Work instruction:
Find the string "fill" in the entries and copy each line that has it.
::: Records to process
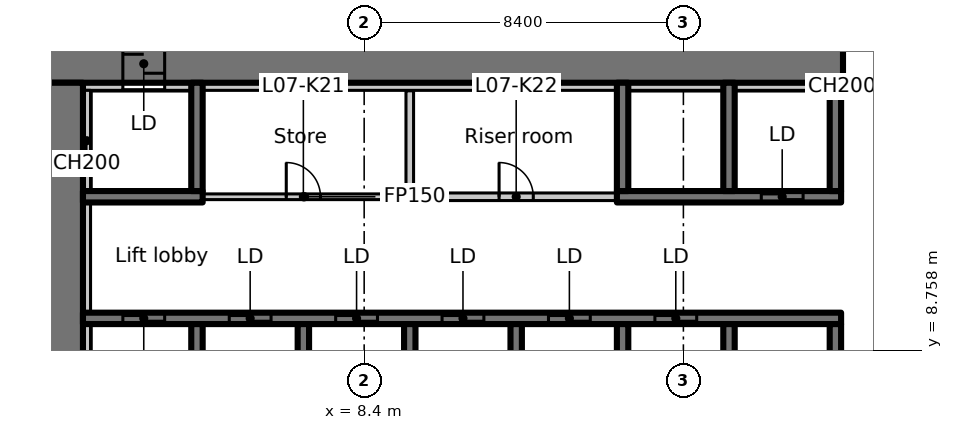
"""IFC4 building model, lengths in metres.
Left out: names, types, materials, properties, quantities, classifications, styles, units other than length and angle.
Written with IfcOpenShell. Run it as: python <this file> out.ifc"""

import sys

from ifc_helpers import new_model, si_unit, direction, frame, frame_2d, origin, place, context, subcontext, project, spatial, rectangle, extrude, element, fill, save


model = new_model("IFC4")
c1 = context("Model", 3, precision=1e-05, world=origin(), true_north=direction((0.0, 1.0)))
c2 = subcontext(c1, "Body", "Model", "MODEL_VIEW")
j1 = project(units=[si_unit("LENGTHUNIT", "METRE"), si_unit("PLANEANGLEUNIT", "RADIAN")], contexts=[c1])
p1 = place(None, origin())
s1 = spatial("IfcSite", under=j1, at=p1, CompositionType="ELEMENT")
p2 = place(p1, origin())
s2 = spatial("IfcBuilding", under=s1, at=p2, CompositionType="ELEMENT")
p3 = place(p2, frame((0.0, 0.0, 40.1)))
s3 = spatial("IfcBuildingStorey", under=s2, at=p3, CompositionType="ELEMENT", Elevation=40.1)
p4 = place(p3, frame((-1.1, 16.3, 0.0), z_axis=(0.0, 0.0, 1.0), x_axis=(1.0, 0.0, 0.0)))
e1 = element("IfcWall", 1, at=p4, inside=s3, PredefinedType="SHEAR", context=c2, shape_type="SweptSolid", body=[
    extrude(rectangle(XDim=22.1, YDim=1.0, at=frame_2d((11.05, 0.0))), origin(), (0.0, 0.0, 1.0), 3.35),
])
p5 = place(p4, frame((3.15, 0.0, 0.0)))
e2 = element("IfcOpeningElement", 2, at=p5, cuts=e1, PredefinedType="OPENING", context=c2, shape_type="SweptSolid", body=[
    extrude(rectangle(XDim=1.1, YDim=2.3, at=frame_2d((0.55, 1.15))), frame((0.0, 0.51, 0.0), z_axis=(0.0, -1.0, 0.0), x_axis=(1.0, 0.0, 0.0)), (0.0, 0.0, 1.0), 1.02),
])
p6 = place(p3, frame((0.5, 6.936, 0.0), z_axis=(0.0, 0.0, 1.0), x_axis=(0.0, 1.0, 0.0)))
e3 = element("IfcWall", 3, at=p6, inside=s3, PredefinedType="SHEAR", context=c2, shape_type="SweptSolid", body=[
    extrude(rectangle(XDim=8.864, YDim=1.0, at=frame_2d((4.432, 0.0))), origin(), (0.0, 0.0, 1.0), 3.35),
])
p7 = place(p3, frame((1.0, 15.7, 0.0), z_axis=(0.0, 0.0, 1.0), x_axis=(1.0, 0.0, 0.0)))
e4 = element("IfcWall", 4, at=p7, inside=s3, PredefinedType="PARTITIONING", context=c2, shape_type="SweptSolid", body=[
    extrude(rectangle(XDim=1.05, YDim=0.2, at=frame_2d((0.525, 0.0))), origin(), (0.0, 0.0, 1.0), 3.35),
])
p8 = place(p3, frame((1.0, 9.6, 0.0), z_axis=(0.0, 0.0, 1.0), x_axis=(1.0, 0.0, 0.0)))
e5 = element("IfcWall", 5, at=p8, inside=s3, PredefinedType="SHEAR", context=c2, shape_type="SweptSolid", body=[
    extrude(rectangle(XDim=19.95, YDim=0.3, at=frame_2d((9.975, 0.0))), origin(), (0.0, 0.0, 1.0), 3.35),
])
p9 = place(p8, frame((1.05, 0.0, 0.0)))
e6 = element("IfcOpeningElement", 6, at=p9, cuts=e5, PredefinedType="OPENING", context=c2, shape_type="SweptSolid", body=[
    extrude(rectangle(XDim=1.1, YDim=2.3, at=frame_2d((0.55, 1.15))), frame((0.0, 0.16, 0.0), z_axis=(0.0, -1.0, 0.0), x_axis=(1.0, 0.0, 0.0)), (0.0, 0.0, 1.0), 0.32),
])
p10 = place(p8, frame((3.85, 0.0, 0.0)))
e7 = element("IfcOpeningElement", 7, at=p10, cuts=e5, PredefinedType="OPENING", context=c2, shape_type="SweptSolid", body=[
    extrude(rectangle(XDim=1.1, YDim=2.3, at=frame_2d((0.55, 1.15))), frame((0.0, 0.16, 0.0), z_axis=(0.0, -1.0, 0.0), x_axis=(1.0, 0.0, 0.0)), (0.0, 0.0, 1.0), 0.32),
])
p11 = place(p8, frame((6.65, 0.0, 0.0)))
e8 = element("IfcOpeningElement", 8, at=p11, cuts=e5, PredefinedType="OPENING", context=c2, shape_type="SweptSolid", body=[
    extrude(rectangle(XDim=1.1, YDim=2.3, at=frame_2d((0.55, 1.15))), frame((0.0, 0.16, 0.0), z_axis=(0.0, -1.0, 0.0), x_axis=(1.0, 0.0, 0.0)), (0.0, 0.0, 1.0), 0.32),
])
p12 = place(p8, frame((9.45, 0.0, 0.0)))
e9 = element("IfcOpeningElement", 9, at=p12, cuts=e5, PredefinedType="OPENING", context=c2, shape_type="SweptSolid", body=[
    extrude(rectangle(XDim=1.1, YDim=2.3, at=frame_2d((0.55, 1.15))), frame((0.0, 0.16, 0.0), z_axis=(0.0, -1.0, 0.0), x_axis=(1.0, 0.0, 0.0)), (0.0, 0.0, 1.0), 0.32),
])
p13 = place(p8, frame((12.25, 0.0, 0.0)))
e10 = element("IfcOpeningElement", 10, at=p13, cuts=e5, PredefinedType="OPENING", context=c2, shape_type="SweptSolid", body=[
    extrude(rectangle(XDim=1.1, YDim=2.3, at=frame_2d((0.55, 1.15))), frame((0.0, 0.16, 0.0), z_axis=(0.0, -1.0, 0.0), x_axis=(1.0, 0.0, 0.0)), (0.0, 0.0, 1.0), 0.32),
])
p14 = place(p8, frame((15.05, 0.0, 0.0)))
e11 = element("IfcOpeningElement", 11, at=p14, cuts=e5, PredefinedType="OPENING", context=c2, shape_type="SweptSolid", body=[
    extrude(rectangle(XDim=1.1, YDim=2.3, at=frame_2d((0.55, 1.15))), frame((0.0, 0.16, 0.0), z_axis=(0.0, -1.0, 0.0), x_axis=(1.0, 0.0, 0.0)), (0.0, 0.0, 1.0), 0.32),
])
for number, where, z_axis, x_axis in (
    (12, (4.0, 7.15, 0.0), (0.0, 0.0, 1.0), (0.0, 1.0, 0.0)),
    (13, (6.8, 7.15, 0.0), (0.0, 0.0, 1.0), (0.0, 1.0, 0.0)),
    (14, (9.6, 7.15, 0.0), (0.0, 0.0, 1.0), (0.0, 1.0, 0.0)),
    (15, (12.4, 7.15, 0.0), (0.0, 0.0, 1.0), (0.0, 1.0, 0.0)),
    (16, (15.2, 7.15, 0.0), (0.0, 0.0, 1.0), (0.0, 1.0, 0.0)),
    (17, (18.0, 7.15, 0.0), (0.0, 0.0, 1.0), (0.0, 1.0, 0.0)),
    (18, (20.8, 7.15, 0.0), (0.0, 0.0, 1.0), (0.0, 1.0, 0.0)),
):
    element("IfcWall", number, at=place(p3, frame(where, z_axis=z_axis, x_axis=x_axis)), inside=s3, PredefinedType="SHEAR", context=c2, shape_type="SweptSolid", body=[
        extrude(rectangle(XDim=2.3, YDim=0.3, at=frame_2d((1.15, 0.0))), origin(), (0.0, 0.0, 1.0), 3.35),
    ])
p15 = place(p3, frame((1.0, 12.8, 0.0), z_axis=(0.0, 0.0, 1.0), x_axis=(1.0, 0.0, 0.0)))
e19 = element("IfcWall", 19, at=p15, inside=s3, PredefinedType="SHEAR", context=c2, shape_type="SweptSolid", body=[
    extrude(rectangle(XDim=3.15, YDim=0.3, at=frame_2d((1.575, 0.0))), origin(), (0.0, 0.0, 1.0), 3.35),
])
p16 = place(p3, frame((4.0, 12.95, 0.0), z_axis=(0.0, 0.0, 1.0), x_axis=(0.0, 1.0, 0.0)))
e20 = element("IfcWall", 20, at=p16, inside=s3, PredefinedType="SHEAR", context=c2, shape_type="SweptSolid", body=[
    extrude(rectangle(XDim=2.85, YDim=0.3, at=frame_2d((1.425, 0.0))), origin(), (0.0, 0.0, 1.0), 3.35),
])
p17 = place(p3, frame((15.05, 12.8, 0.0), z_axis=(0.0, 0.0, 1.0), x_axis=(1.0, 0.0, 0.0)))
e21 = element("IfcWall", 21, at=p17, inside=s3, PredefinedType="SHEAR", context=c2, shape_type="SweptSolid", body=[
    extrude(rectangle(XDim=5.9, YDim=0.3, at=frame_2d((2.95, 0.0))), origin(), (0.0, 0.0, 1.0), 3.35),
])
p18 = place(p17, frame((3.8, 0.0, 0.0)))
e22 = element("IfcOpeningElement", 22, at=p18, cuts=e21, PredefinedType="OPENING", context=c2, shape_type="SweptSolid", body=[
    extrude(rectangle(XDim=1.1, YDim=2.3, at=frame_2d((0.55, 1.15))), frame((0.0, 0.16, 0.0), z_axis=(0.0, -1.0, 0.0), x_axis=(1.0, 0.0, 0.0)), (0.0, 0.0, 1.0), 0.32),
])
for number, where, z_axis, x_axis in (
    (23, (15.2, 12.95, 0.0), (0.0, 0.0, 1.0), (0.0, 1.0, 0.0)),
    (24, (18.0, 12.95, 0.0), (0.0, 0.0, 1.0), (0.0, 1.0, 0.0)),
    (25, (20.8, 12.95, 0.0), (0.0, 0.0, 1.0), (0.0, 1.0, 0.0)),
):
    element("IfcWall", number, at=place(p3, frame(where, z_axis=z_axis, x_axis=x_axis)), inside=s3, PredefinedType="SHEAR", context=c2, shape_type="SweptSolid", body=[
        extrude(rectangle(XDim=2.85, YDim=0.3, at=frame_2d((1.425, 0.0))), origin(), (0.0, 0.0, 1.0), 3.35),
    ])
p19 = place(p3, frame((9.6, 15.588, 0.0), z_axis=(0.0, 0.0, 1.0), x_axis=(0.0, -1.0, 0.0)))
e26 = element("IfcWall", 26, at=p19, inside=s3, PredefinedType="PARTITIONING", context=c2, shape_type="SweptSolid", body=[
    extrude(rectangle(XDim=2.788, YDim=0.2, at=frame_2d((1.394, 0.0))), origin(), (0.0, 0.0, 1.0), 3.35),
])
p20 = place(p3, frame((9.7, 12.8, 0.0), z_axis=(0.0, 0.0, 1.0), x_axis=(1.0, 0.0, 0.0)))
e27 = element("IfcWall", 27, at=p20, inside=s3, PredefinedType="PARTITIONING", context=c2, shape_type="SweptSolid", body=[
    extrude(rectangle(XDim=5.338, YDim=0.2, at=frame_2d((2.669, 0.0))), origin(), (0.0, 0.0, 1.0), 3.35),
])
p21 = place(p20, frame((2.25, 0.0, 0.0)))
e28 = element("IfcOpeningElement", 28, at=p21, cuts=e27, PredefinedType="OPENING", context=c2, shape_type="SweptSolid", body=[
    extrude(rectangle(XDim=0.9, YDim=2.1, at=frame_2d((0.45, 1.05))), frame((0.0, 0.11, 0.0), z_axis=(0.0, -1.0, 0.0), x_axis=(1.0, 0.0, 0.0)), (0.0, 0.0, 1.0), 0.22),
])
p22 = place(p3, frame((4.162, 12.8, 0.0), z_axis=(0.0, 0.0, 1.0), x_axis=(1.0, 0.0, 0.0)))
e29 = element("IfcWall", 29, at=p22, inside=s3, PredefinedType="PARTITIONING", context=c2, shape_type="SweptSolid", body=[
    extrude(rectangle(XDim=5.338, YDim=0.15, at=frame_2d((2.669, 0.0))), origin(), (0.0, 0.0, 1.0), 3.35),
])
p23 = place(p22, frame((2.188, 0.0, 0.0)))
e30 = element("IfcOpeningElement", 30, at=p23, cuts=e29, PredefinedType="OPENING", context=c2, shape_type="SweptSolid", body=[
    extrude(rectangle(XDim=0.9, YDim=2.1, at=frame_2d((0.45, 1.05))), frame((0.0, 0.085, 0.0), z_axis=(0.0, -1.0, 0.0), x_axis=(1.0, 0.0, 0.0)), (0.0, 0.0, 1.0), 0.17),
])
p24 = place(p3, frame((1.1, 7.15, 0.0), z_axis=(0.0, 0.0, 1.0), x_axis=(0.0, 1.0, 0.0)))
e31 = element("IfcWall", 31, at=p24, inside=s3, PredefinedType="PARTITIONING", context=c2, shape_type="SweptSolid", body=[
    extrude(rectangle(XDim=2.3, YDim=0.2, at=frame_2d((1.15, 0.0))), origin(), (0.0, 0.0, 1.0), 3.35),
])
p25 = place(p3, frame((1.1, 9.75, 0.0), z_axis=(0.0, 0.0, 1.0), x_axis=(0.0, 1.0, 0.0)))
e32 = element("IfcWall", 32, at=p25, inside=s3, PredefinedType="PARTITIONING", context=c2, shape_type="SweptSolid", body=[
    extrude(rectangle(XDim=2.9, YDim=0.2, at=frame_2d((1.45, 0.0))), origin(), (0.0, 0.0, 1.0), 3.35),
])
p26 = place(p3, frame((1.1, 12.95, 0.0), z_axis=(0.0, 0.0, 1.0), x_axis=(0.0, 1.0, 0.0)))
e33 = element("IfcWall", 33, at=p26, inside=s3, PredefinedType="PARTITIONING", context=c2, shape_type="SweptSolid", body=[
    extrude(rectangle(XDim=2.65, YDim=0.2, at=frame_2d((1.325, 0.0))), origin(), (0.0, 0.0, 1.0), 3.35),
])
p27 = place(p3, frame((3.15, 15.7, 0.0), z_axis=(0.0, 0.0, 1.0), x_axis=(1.0, 0.0, 0.0)))
e34 = element("IfcWall", 34, at=p27, inside=s3, PredefinedType="PARTITIONING", context=c2, shape_type="SweptSolid", body=[
    extrude(rectangle(XDim=0.7, YDim=0.2, at=frame_2d((0.35, 0.0))), origin(), (0.0, 0.0, 1.0), 3.35),
])
p28 = place(p3, frame((4.15, 15.7, 0.0), z_axis=(0.0, 0.0, 1.0), x_axis=(1.0, 0.0, 0.0)))
e35 = element("IfcWall", 35, at=p28, inside=s3, PredefinedType="PARTITIONING", context=c2, shape_type="SweptSolid", body=[
    extrude(rectangle(XDim=10.9, YDim=0.2, at=frame_2d((5.45, 0.0))), origin(), (0.0, 0.0, 1.0), 3.35),
])
for number, where, z_axis, x_axis in (
    (36, (15.35, 15.7, 0.0), (0.0, 0.0, 1.0), (1.0, 0.0, 0.0)),
    (37, (18.15, 15.7, 0.0), (0.0, 0.0, 1.0), (1.0, 0.0, 0.0)),
):
    element("IfcWall", number, at=place(p3, frame(where, z_axis=z_axis, x_axis=x_axis)), inside=s3, PredefinedType="PARTITIONING", context=c2, shape_type="SweptSolid", body=[
        extrude(rectangle(XDim=2.5, YDim=0.2, at=frame_2d((1.25, 0.0))), origin(), (0.0, 0.0, 1.0), 3.35),
    ])
p29 = place(p3, frame((20.95, 15.7, 0.0), z_axis=(0.0, 0.0, 1.0), x_axis=(1.0, 0.0, 0.0)))
e38 = element("IfcWall", 38, at=p29, inside=s3, PredefinedType="PARTITIONING", context=c2, shape_type="SweptSolid", body=[
    extrude(rectangle(XDim=0.05, YDim=0.2, at=frame_2d((0.025, 0.0))), origin(), (0.0, 0.0, 1.0), 3.35),
])
p30 = place(p9, origin())
e39 = element("IfcDoor", 39, at=p30, inside=s3, OperationType="SLIDING_TO_LEFT", PredefinedType="DOOR", context=c2, shape_type="SweptSolid", body=[
    extrude(rectangle(XDim=1.1, YDim=2.3, at=frame_2d((0.55, 1.15))), frame((0.0, 0.025, 0.0), z_axis=(0.0, -1.0, 0.0), x_axis=(1.0, 0.0, 0.0)), (0.0, 0.0, 1.0), 0.05),
])
fill(e6, e39)
p31 = place(p10, origin())
e40 = element("IfcDoor", 40, at=p31, inside=s3, OperationType="SLIDING_TO_LEFT", PredefinedType="DOOR", context=c2, shape_type="SweptSolid", body=[
    extrude(rectangle(XDim=1.1, YDim=2.3, at=frame_2d((0.55, 1.15))), frame((0.0, 0.025, 0.0), z_axis=(0.0, -1.0, 0.0), x_axis=(1.0, 0.0, 0.0)), (0.0, 0.0, 1.0), 0.05),
])
fill(e7, e40)
p32 = place(p11, origin())
e41 = element("IfcDoor", 41, at=p32, inside=s3, OperationType="SLIDING_TO_LEFT", PredefinedType="DOOR", context=c2, shape_type="SweptSolid", body=[
    extrude(rectangle(XDim=1.1, YDim=2.3, at=frame_2d((0.55, 1.15))), frame((0.0, 0.025, 0.0), z_axis=(0.0, -1.0, 0.0), x_axis=(1.0, 0.0, 0.0)), (0.0, 0.0, 1.0), 0.05),
])
fill(e8, e41)
p33 = place(p12, origin())
e42 = element("IfcDoor", 42, at=p33, inside=s3, OperationType="SLIDING_TO_LEFT", PredefinedType="DOOR", context=c2, shape_type="SweptSolid", body=[
    extrude(rectangle(XDim=1.1, YDim=2.3, at=frame_2d((0.55, 1.15))), frame((0.0, 0.025, 0.0), z_axis=(0.0, -1.0, 0.0), x_axis=(1.0, 0.0, 0.0)), (0.0, 0.0, 1.0), 0.05),
])
fill(e9, e42)
p34 = place(p13, origin())
e43 = element("IfcDoor", 43, at=p34, inside=s3, OperationType="SLIDING_TO_LEFT", PredefinedType="DOOR", context=c2, shape_type="SweptSolid", body=[
    extrude(rectangle(XDim=1.1, YDim=2.3, at=frame_2d((0.55, 1.15))), frame((0.0, 0.025, 0.0), z_axis=(0.0, -1.0, 0.0), x_axis=(1.0, 0.0, 0.0)), (0.0, 0.0, 1.0), 0.05),
])
fill(e10, e43)
p35 = place(p14, origin())
e44 = element("IfcDoor", 44, at=p35, inside=s3, OperationType="SLIDING_TO_LEFT", PredefinedType="DOOR", context=c2, shape_type="SweptSolid", body=[
    extrude(rectangle(XDim=1.1, YDim=2.3, at=frame_2d((0.55, 1.15))), frame((0.0, 0.025, 0.0), z_axis=(0.0, -1.0, 0.0), x_axis=(1.0, 0.0, 0.0)), (0.0, 0.0, 1.0), 0.05),
])
fill(e11, e44)
p36 = place(p5, origin())
e45 = element("IfcDoor", 45, at=p36, inside=s3, OperationType="SLIDING_TO_LEFT", PredefinedType="DOOR", context=c2, shape_type="SweptSolid", body=[
    extrude(rectangle(XDim=1.1, YDim=2.3, at=frame_2d((0.55, 1.15))), frame((0.0, 0.025, 0.0), z_axis=(0.0, -1.0, 0.0), x_axis=(1.0, 0.0, 0.0)), (0.0, 0.0, 1.0), 0.05),
])
fill(e2, e45)
p37 = place(p18, origin())
e46 = element("IfcDoor", 46, at=p37, inside=s3, OperationType="SLIDING_TO_LEFT", PredefinedType="DOOR", context=c2, shape_type="SweptSolid", body=[
    extrude(rectangle(XDim=1.1, YDim=2.3, at=frame_2d((0.55, 1.15))), frame((0.0, 0.025, 0.0), z_axis=(0.0, -1.0, 0.0), x_axis=(1.0, 0.0, 0.0)), (0.0, 0.0, 1.0), 0.05),
])
fill(e22, e46)
p38 = place(p23, origin())
e47 = element("IfcDoor", 47, at=p38, inside=s3, OperationType="SINGLE_SWING_LEFT", PredefinedType="DOOR", context=c2, shape_type="SweptSolid", body=[
    extrude(rectangle(XDim=0.9, YDim=2.1, at=frame_2d((0.45, 1.05))), frame((0.0, 0.025, 0.0), z_axis=(0.0, -1.0, 0.0), x_axis=(1.0, 0.0, 0.0)), (0.0, 0.0, 1.0), 0.05),
])
fill(e30, e47)
p39 = place(p21, origin())
e48 = element("IfcDoor", 48, at=p39, inside=s3, OperationType="SINGLE_SWING_RIGHT", PredefinedType="DOOR", context=c2, shape_type="SweptSolid", body=[
    extrude(rectangle(XDim=0.9, YDim=2.1, at=frame_2d((0.45, 1.05))), frame((0.0, 0.025, 0.0), z_axis=(0.0, -1.0, 0.0), x_axis=(1.0, 0.0, 0.0)), (0.0, 0.0, 1.0), 0.05),
])
fill(e28, e48)
save(model, sys.argv[1])
::::::
Response below:
from ifc_helpers import new_model, si_unit, direction, frame, frame_2d, origin, place, context, subcontext, project, spatial, rectangle, extrude, element, fill, save
fill(e6, e39)
fill(e7, e40)
fill(e8, e41)
fill(e9, e42)
fill(e10, e43)
fill(e11, e44)
fill(e2, e45)
fill(e22, e46)
fill(e30, e47)
fill(e28, e48)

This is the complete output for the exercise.